- _Your task_:
Of the entries below, return only those lines from the line with "p3 = place(p2, frame((0.0, 0.0, 94.8)))" to the line with "p5 = place(p4, frame((2.05, 0.0, 0.0)))", exactly, both included.

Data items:
--

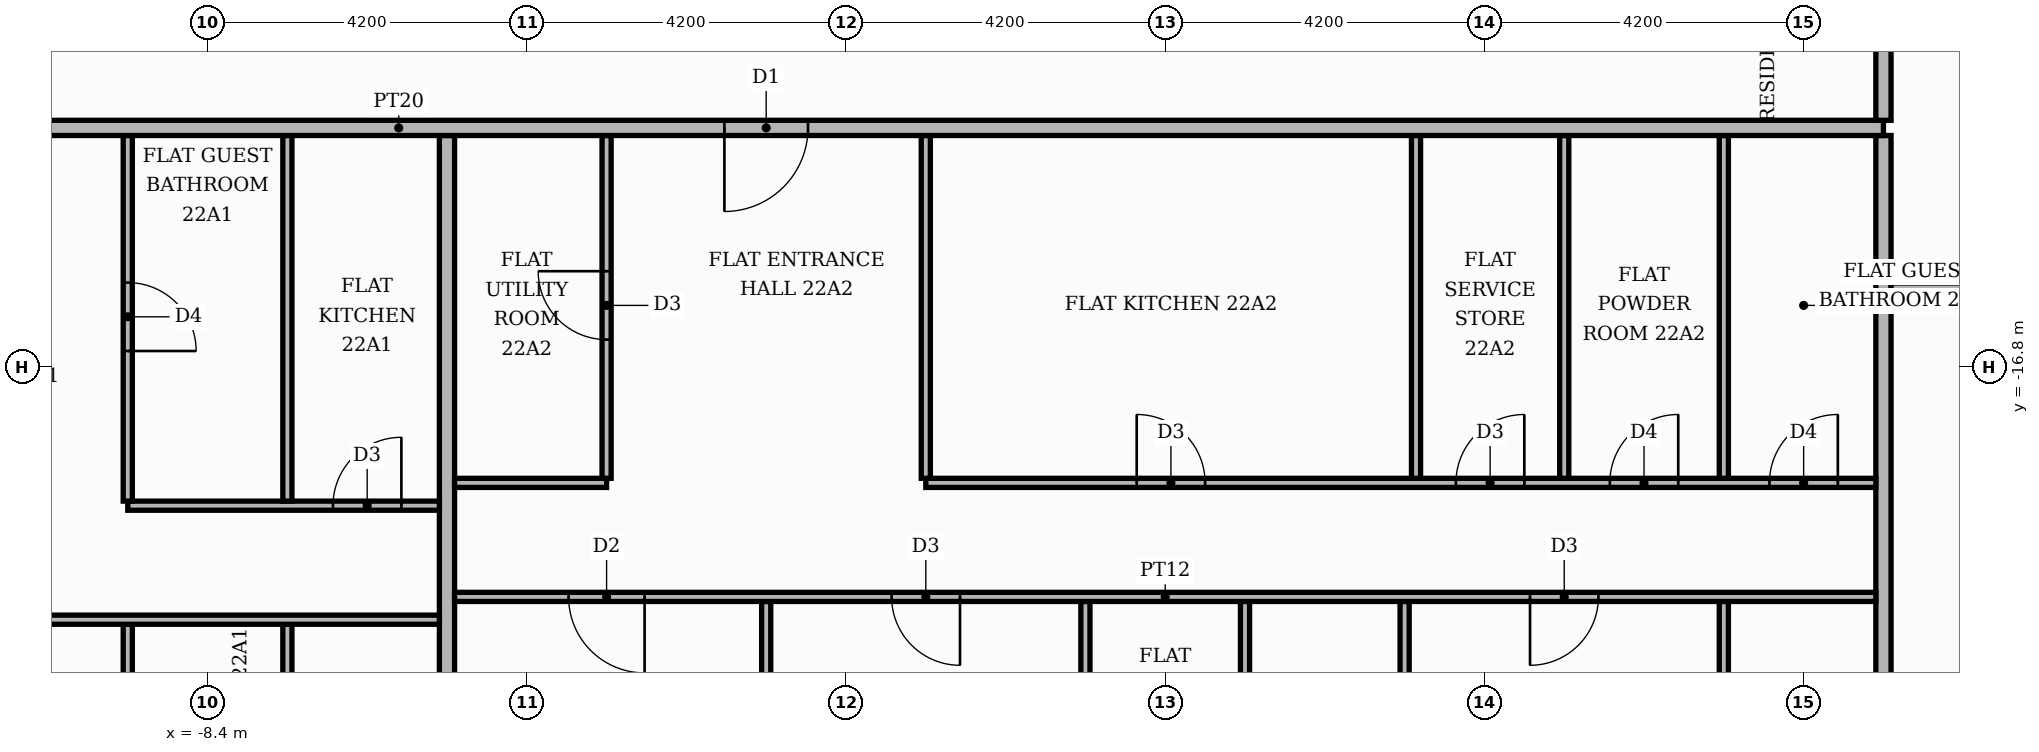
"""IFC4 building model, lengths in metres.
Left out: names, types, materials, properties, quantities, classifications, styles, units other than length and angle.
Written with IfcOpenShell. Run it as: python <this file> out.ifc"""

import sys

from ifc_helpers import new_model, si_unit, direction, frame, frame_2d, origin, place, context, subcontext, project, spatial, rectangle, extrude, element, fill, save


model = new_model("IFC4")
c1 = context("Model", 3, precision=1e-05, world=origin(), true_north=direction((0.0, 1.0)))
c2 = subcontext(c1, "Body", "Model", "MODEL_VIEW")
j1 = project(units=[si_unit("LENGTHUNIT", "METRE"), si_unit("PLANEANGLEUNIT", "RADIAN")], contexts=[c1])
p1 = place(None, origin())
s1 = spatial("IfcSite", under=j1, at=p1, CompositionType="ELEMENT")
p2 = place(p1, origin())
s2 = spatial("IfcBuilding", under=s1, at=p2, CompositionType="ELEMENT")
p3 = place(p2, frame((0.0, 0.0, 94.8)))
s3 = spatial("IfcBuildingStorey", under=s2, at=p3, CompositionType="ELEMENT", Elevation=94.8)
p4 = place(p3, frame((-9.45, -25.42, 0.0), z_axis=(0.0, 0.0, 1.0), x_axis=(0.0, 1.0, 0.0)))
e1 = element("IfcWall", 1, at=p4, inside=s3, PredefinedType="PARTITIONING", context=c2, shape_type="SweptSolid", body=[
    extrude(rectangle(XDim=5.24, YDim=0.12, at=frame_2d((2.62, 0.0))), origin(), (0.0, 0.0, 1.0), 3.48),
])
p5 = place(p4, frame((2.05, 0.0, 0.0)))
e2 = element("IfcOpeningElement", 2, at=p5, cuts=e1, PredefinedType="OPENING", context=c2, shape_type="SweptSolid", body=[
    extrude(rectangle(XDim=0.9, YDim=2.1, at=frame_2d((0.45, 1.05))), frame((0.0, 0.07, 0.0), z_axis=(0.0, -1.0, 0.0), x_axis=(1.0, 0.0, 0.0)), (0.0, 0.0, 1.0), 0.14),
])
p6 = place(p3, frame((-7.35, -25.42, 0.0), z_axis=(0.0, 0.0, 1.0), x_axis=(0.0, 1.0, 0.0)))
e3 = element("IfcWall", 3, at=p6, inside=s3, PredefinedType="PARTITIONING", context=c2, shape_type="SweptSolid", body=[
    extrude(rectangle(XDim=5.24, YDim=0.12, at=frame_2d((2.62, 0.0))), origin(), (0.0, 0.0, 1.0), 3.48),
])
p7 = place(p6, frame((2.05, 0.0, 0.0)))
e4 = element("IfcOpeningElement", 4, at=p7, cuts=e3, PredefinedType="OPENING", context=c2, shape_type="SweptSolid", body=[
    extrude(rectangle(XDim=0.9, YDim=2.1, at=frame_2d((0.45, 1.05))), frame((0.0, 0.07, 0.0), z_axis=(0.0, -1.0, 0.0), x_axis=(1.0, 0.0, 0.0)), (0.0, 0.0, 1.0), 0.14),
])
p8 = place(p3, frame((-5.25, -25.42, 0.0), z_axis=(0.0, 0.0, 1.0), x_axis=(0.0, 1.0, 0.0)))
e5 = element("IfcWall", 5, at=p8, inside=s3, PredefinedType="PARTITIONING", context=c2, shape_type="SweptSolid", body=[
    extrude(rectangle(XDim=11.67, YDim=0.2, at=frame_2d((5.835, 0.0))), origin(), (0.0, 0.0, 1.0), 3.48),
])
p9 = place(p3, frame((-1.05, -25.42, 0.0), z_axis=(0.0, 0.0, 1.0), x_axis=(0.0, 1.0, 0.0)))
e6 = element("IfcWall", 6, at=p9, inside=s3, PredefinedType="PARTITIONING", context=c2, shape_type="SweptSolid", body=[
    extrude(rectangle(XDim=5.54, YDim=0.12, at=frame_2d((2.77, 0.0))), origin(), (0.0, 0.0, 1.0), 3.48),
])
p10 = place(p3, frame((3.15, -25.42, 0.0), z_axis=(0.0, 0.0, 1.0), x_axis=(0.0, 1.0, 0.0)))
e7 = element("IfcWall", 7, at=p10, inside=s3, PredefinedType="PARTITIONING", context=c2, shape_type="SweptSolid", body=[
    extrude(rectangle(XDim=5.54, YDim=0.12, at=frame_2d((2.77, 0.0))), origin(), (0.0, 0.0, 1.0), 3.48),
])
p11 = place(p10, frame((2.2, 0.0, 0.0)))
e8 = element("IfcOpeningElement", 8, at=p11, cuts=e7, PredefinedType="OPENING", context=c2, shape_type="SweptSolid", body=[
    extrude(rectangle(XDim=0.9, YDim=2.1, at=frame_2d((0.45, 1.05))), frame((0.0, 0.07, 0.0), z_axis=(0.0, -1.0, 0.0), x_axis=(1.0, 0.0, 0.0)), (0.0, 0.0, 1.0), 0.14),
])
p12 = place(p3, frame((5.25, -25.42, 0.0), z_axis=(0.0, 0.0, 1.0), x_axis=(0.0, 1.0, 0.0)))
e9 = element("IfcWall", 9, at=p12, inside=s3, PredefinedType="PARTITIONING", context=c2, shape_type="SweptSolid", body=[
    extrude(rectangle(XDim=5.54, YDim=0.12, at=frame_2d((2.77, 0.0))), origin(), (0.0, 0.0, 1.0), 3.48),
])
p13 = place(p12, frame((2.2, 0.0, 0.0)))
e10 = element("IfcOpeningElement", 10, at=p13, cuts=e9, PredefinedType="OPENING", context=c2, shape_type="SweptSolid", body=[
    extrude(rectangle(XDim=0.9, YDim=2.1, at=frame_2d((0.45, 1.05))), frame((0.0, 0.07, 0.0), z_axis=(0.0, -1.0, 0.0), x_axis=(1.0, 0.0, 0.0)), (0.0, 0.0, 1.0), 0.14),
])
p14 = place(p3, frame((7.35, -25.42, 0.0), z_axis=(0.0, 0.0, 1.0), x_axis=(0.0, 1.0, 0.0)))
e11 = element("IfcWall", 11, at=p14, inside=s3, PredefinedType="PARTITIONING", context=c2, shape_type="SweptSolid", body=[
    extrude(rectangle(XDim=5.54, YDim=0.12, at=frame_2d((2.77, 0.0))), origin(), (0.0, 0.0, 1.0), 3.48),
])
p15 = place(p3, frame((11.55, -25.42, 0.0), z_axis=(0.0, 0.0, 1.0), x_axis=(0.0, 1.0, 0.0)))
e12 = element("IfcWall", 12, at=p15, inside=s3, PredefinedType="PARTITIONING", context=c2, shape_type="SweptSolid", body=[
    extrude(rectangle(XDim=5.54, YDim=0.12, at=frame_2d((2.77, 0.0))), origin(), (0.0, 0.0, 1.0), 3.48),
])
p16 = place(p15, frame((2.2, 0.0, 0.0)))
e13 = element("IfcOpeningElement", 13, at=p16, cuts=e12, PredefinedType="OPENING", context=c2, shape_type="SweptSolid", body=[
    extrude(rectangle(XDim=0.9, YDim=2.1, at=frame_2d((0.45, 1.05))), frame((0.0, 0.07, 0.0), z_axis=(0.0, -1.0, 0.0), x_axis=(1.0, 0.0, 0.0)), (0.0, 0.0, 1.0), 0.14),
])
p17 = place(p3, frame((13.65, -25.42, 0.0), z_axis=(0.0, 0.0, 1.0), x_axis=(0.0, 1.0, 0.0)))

--

- _Solution for this task_:
p3 = place(p2, frame((0.0, 0.0, 94.8)))
s3 = spatial("IfcBuildingStorey", under=s2, at=p3, CompositionType="ELEMENT", Elevation=94.8)
p4 = place(p3, frame((-9.45, -25.42, 0.0), z_axis=(0.0, 0.0, 1.0), x_axis=(0.0, 1.0, 0.0)))
e1 = element("IfcWall", 1, at=p4, inside=s3, PredefinedType="PARTITIONING", context=c2, shape_type="SweptSolid", body=[
    extrude(rectangle(XDim=5.24, YDim=0.12, at=frame_2d((2.62, 0.0))), origin(), (0.0, 0.0, 1.0), 3.48),
])
p5 = place(p4, frame((2.05, 0.0, 0.0)))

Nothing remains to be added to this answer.